(Dataset items)
——

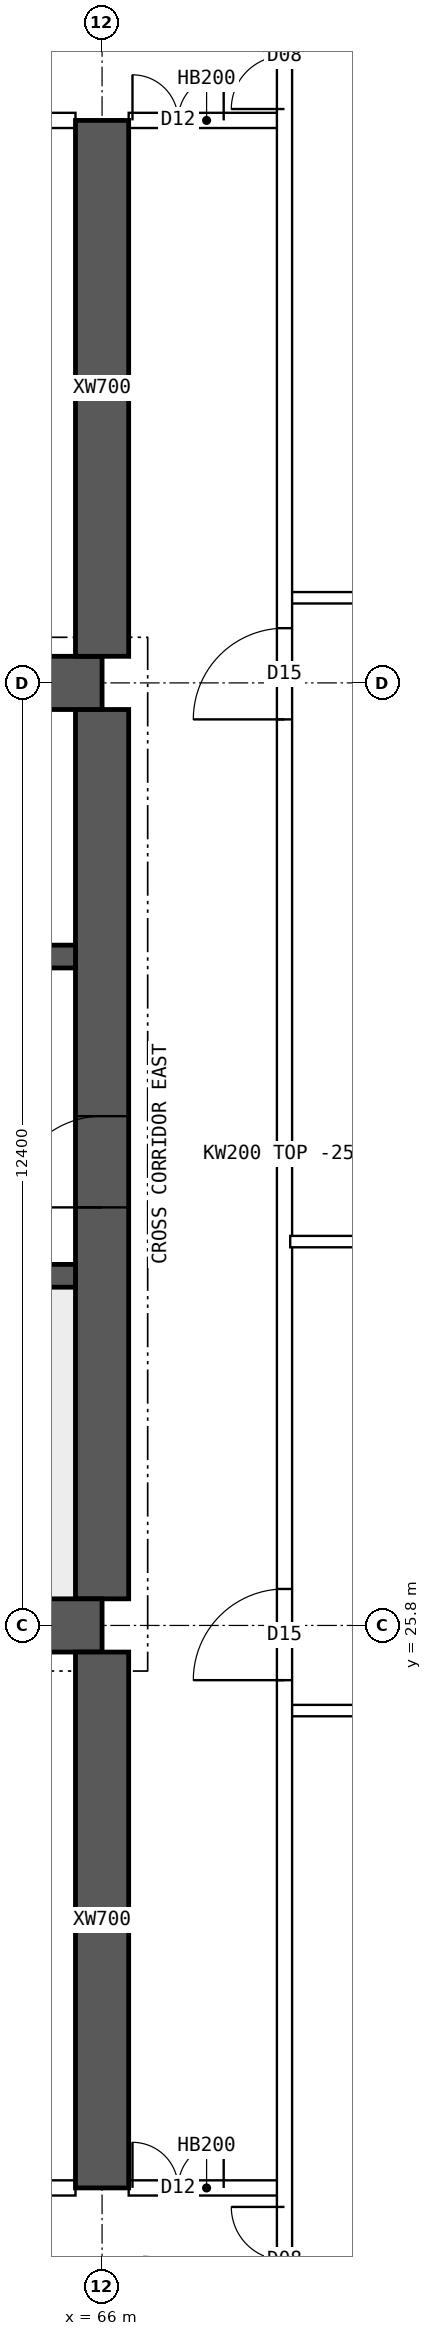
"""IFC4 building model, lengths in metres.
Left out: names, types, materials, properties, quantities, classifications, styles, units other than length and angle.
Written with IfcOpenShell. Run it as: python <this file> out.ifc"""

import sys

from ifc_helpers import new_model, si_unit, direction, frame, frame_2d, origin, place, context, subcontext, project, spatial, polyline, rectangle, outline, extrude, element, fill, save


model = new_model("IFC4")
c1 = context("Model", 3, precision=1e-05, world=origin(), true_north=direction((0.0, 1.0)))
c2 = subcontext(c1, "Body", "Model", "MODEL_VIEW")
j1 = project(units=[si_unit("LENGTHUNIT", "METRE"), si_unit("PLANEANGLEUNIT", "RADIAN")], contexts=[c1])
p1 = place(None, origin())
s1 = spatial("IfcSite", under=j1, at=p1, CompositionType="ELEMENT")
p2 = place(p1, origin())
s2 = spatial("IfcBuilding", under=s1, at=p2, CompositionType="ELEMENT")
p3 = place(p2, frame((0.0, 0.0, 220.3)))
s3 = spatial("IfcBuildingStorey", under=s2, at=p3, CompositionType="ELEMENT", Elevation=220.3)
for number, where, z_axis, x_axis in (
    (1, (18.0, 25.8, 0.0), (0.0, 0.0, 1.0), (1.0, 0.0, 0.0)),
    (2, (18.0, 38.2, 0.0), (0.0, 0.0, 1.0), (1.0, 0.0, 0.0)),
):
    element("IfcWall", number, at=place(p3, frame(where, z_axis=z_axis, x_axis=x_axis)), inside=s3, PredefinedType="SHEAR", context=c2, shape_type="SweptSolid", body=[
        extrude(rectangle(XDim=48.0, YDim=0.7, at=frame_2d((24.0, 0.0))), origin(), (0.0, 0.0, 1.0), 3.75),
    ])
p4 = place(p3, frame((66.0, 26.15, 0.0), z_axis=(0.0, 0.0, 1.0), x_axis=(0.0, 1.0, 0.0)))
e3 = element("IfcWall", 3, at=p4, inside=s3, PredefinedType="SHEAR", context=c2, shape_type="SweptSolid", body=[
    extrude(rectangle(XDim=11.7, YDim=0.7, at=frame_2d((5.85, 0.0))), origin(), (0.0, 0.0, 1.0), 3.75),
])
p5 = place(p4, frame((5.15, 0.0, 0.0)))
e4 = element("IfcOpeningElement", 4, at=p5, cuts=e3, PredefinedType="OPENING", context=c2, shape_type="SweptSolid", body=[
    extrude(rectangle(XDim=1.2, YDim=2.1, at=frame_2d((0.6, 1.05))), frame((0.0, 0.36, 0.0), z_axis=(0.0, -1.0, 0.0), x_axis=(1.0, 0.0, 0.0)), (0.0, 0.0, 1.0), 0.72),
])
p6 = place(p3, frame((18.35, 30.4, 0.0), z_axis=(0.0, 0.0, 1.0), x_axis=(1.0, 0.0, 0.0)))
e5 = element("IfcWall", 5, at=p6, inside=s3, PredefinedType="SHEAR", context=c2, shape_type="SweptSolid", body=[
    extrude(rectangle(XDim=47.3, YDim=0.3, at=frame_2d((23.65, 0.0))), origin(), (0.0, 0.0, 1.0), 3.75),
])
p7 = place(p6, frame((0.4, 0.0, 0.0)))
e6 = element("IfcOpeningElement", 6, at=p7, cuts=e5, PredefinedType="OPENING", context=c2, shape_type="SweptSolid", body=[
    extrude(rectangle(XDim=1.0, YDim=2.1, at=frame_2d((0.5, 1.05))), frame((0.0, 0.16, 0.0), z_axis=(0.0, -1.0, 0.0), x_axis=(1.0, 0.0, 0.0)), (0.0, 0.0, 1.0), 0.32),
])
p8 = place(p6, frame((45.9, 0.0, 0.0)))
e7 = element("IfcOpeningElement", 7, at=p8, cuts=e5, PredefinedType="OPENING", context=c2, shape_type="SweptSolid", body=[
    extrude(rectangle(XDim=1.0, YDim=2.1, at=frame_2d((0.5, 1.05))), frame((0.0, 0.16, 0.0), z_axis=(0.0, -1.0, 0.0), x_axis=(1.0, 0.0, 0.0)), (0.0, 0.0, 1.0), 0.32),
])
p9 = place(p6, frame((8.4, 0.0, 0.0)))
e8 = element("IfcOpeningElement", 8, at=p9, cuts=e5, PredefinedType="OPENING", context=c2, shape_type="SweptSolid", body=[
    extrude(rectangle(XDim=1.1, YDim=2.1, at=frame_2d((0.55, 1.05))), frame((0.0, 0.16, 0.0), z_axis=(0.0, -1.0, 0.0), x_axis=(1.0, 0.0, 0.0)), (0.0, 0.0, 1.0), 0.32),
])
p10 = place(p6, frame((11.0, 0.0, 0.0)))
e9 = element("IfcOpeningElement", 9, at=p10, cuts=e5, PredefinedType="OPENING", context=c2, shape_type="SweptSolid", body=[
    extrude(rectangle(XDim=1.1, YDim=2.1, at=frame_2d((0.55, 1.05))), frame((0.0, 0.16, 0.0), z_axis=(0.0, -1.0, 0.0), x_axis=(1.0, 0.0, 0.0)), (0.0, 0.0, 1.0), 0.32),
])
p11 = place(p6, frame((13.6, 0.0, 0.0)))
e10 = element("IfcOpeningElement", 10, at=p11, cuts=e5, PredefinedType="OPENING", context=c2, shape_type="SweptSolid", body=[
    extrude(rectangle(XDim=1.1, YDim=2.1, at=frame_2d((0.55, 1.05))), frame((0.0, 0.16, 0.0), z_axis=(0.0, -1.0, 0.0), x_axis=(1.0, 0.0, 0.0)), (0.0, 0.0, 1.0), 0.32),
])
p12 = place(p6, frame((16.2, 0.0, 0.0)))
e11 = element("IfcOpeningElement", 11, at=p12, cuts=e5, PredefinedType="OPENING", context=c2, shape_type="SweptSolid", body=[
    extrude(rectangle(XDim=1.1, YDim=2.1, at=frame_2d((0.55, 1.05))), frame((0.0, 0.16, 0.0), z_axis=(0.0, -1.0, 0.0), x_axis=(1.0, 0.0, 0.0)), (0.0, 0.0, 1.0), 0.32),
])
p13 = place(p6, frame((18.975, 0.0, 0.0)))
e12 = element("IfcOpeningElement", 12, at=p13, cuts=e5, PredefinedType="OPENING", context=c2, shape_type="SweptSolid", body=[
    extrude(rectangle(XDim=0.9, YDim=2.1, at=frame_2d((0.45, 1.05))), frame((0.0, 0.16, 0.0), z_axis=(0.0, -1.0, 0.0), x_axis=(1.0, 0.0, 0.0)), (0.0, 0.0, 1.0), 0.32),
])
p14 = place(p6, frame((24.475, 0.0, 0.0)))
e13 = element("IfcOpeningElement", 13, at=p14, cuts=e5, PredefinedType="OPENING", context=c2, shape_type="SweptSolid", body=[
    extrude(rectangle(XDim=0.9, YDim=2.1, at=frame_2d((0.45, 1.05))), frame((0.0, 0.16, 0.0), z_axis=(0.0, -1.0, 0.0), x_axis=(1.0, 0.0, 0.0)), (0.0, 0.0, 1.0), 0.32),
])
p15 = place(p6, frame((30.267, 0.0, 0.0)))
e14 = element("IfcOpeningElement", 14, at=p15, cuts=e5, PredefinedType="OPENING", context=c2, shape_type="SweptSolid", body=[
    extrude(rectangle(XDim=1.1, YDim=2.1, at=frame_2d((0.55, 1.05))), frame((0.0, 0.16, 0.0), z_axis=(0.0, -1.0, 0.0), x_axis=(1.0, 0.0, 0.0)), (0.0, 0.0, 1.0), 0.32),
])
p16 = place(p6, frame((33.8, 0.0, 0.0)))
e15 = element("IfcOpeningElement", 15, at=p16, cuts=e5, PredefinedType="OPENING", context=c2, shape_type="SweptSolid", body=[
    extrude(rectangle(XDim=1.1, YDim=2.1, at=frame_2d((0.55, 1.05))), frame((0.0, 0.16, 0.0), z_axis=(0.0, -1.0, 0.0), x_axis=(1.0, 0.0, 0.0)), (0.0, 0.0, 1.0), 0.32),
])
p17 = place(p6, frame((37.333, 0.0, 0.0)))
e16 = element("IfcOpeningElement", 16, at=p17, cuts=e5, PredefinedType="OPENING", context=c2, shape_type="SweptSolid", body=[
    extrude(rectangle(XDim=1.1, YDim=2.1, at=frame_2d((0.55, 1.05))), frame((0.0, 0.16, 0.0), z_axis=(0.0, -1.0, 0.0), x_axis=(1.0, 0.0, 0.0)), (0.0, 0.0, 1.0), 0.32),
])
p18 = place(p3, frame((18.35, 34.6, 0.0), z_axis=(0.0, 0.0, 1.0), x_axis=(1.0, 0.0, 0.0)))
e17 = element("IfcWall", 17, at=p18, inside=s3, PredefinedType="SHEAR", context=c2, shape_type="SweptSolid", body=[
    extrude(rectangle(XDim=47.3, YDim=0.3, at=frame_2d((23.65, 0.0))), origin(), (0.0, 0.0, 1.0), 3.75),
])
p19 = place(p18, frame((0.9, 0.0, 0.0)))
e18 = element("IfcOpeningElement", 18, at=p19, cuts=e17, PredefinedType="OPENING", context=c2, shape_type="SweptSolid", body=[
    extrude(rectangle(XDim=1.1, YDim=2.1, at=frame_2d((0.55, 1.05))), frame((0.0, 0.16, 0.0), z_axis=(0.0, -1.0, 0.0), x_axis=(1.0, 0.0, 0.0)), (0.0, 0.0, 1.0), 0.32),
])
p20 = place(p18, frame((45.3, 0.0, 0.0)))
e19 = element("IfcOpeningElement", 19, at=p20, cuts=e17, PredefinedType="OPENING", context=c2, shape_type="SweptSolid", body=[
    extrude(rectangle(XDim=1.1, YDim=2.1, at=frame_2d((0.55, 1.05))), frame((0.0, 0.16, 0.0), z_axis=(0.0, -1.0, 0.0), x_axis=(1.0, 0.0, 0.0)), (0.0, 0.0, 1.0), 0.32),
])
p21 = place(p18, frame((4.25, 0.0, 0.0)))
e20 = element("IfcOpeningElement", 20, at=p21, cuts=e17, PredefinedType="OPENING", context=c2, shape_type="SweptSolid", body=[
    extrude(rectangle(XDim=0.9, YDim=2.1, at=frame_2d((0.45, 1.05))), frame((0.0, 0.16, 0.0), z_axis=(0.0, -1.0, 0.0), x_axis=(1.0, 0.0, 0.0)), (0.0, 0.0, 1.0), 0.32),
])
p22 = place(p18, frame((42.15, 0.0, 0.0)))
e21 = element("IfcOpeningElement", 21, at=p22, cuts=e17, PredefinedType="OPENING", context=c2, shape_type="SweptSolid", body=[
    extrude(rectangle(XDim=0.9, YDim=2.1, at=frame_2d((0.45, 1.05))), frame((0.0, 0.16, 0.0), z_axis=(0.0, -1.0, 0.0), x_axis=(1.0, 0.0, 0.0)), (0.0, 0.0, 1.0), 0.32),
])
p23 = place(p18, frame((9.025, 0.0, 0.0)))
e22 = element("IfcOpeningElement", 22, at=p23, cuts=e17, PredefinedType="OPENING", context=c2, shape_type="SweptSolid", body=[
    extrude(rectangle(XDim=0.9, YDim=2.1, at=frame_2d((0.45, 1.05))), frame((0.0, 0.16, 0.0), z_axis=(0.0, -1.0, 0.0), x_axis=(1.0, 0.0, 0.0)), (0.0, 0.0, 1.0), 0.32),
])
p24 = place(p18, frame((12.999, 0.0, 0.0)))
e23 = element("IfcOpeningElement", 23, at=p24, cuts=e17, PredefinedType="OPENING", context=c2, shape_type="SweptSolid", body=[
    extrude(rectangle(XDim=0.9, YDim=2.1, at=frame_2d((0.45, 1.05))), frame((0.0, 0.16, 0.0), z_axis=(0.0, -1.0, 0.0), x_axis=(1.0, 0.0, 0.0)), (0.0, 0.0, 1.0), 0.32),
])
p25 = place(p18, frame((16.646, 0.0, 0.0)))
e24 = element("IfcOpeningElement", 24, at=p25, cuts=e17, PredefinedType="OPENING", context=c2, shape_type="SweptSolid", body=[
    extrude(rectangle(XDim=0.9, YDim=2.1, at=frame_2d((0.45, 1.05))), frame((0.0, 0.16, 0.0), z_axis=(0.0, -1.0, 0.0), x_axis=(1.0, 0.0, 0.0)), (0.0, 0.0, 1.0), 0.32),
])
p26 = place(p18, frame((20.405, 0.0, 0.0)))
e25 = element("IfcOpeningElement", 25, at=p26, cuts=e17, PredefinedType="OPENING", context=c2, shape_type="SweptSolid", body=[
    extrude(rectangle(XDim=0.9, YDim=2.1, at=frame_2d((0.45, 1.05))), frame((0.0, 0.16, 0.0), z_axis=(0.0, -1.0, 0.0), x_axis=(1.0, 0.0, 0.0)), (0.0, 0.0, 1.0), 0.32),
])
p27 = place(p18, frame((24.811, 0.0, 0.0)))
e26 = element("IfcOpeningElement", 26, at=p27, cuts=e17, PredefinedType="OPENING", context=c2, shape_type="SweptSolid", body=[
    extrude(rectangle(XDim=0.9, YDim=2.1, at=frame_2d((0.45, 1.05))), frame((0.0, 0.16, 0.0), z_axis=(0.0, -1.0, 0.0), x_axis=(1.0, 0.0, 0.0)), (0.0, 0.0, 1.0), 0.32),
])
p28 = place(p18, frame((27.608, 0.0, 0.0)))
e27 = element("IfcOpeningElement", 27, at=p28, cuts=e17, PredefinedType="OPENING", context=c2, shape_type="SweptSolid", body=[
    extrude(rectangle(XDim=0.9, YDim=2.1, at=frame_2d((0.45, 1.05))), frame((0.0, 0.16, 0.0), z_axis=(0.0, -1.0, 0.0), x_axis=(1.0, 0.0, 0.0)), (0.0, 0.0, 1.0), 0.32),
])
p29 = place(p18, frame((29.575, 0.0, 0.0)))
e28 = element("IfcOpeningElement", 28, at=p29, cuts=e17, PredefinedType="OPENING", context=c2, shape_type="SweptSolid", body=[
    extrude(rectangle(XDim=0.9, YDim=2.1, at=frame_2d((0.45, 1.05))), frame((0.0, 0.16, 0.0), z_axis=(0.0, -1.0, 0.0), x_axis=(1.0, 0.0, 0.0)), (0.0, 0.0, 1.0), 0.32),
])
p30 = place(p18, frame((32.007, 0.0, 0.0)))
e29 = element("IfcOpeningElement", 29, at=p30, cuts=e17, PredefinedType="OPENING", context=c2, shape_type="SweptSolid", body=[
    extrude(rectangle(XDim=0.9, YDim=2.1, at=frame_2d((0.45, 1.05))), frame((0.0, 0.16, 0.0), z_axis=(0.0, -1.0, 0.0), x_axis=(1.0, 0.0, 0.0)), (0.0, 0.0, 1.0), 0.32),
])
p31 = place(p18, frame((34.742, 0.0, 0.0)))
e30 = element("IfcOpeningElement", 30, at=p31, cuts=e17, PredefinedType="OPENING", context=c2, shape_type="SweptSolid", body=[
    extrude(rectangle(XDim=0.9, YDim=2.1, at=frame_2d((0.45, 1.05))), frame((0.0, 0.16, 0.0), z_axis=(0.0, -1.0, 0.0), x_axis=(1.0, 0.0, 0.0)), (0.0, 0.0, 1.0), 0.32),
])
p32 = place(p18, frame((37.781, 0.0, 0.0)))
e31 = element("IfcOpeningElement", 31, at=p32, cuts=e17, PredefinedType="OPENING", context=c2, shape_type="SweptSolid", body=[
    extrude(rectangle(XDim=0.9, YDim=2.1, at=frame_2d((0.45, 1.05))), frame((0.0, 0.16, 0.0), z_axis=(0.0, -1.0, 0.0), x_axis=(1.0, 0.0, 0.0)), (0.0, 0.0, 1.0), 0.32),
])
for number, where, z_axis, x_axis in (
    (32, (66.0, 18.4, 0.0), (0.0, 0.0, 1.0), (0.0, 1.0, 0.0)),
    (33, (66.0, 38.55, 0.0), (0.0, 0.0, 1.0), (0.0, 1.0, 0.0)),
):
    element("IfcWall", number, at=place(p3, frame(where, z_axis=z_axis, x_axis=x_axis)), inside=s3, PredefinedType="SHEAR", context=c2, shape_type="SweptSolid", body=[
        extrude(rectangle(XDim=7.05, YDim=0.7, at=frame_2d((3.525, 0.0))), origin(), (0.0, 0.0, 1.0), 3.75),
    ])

——

> [Work item]
Look through the data above for the word "import". Report each line where it occurs.

> [Task output]
import sys
from ifc_helpers import new_model, si_unit, direction, frame, frame_2d, origin, place, context, subcontext, project, spatial, polyline, rectangle, outline, extrude, element, fill, save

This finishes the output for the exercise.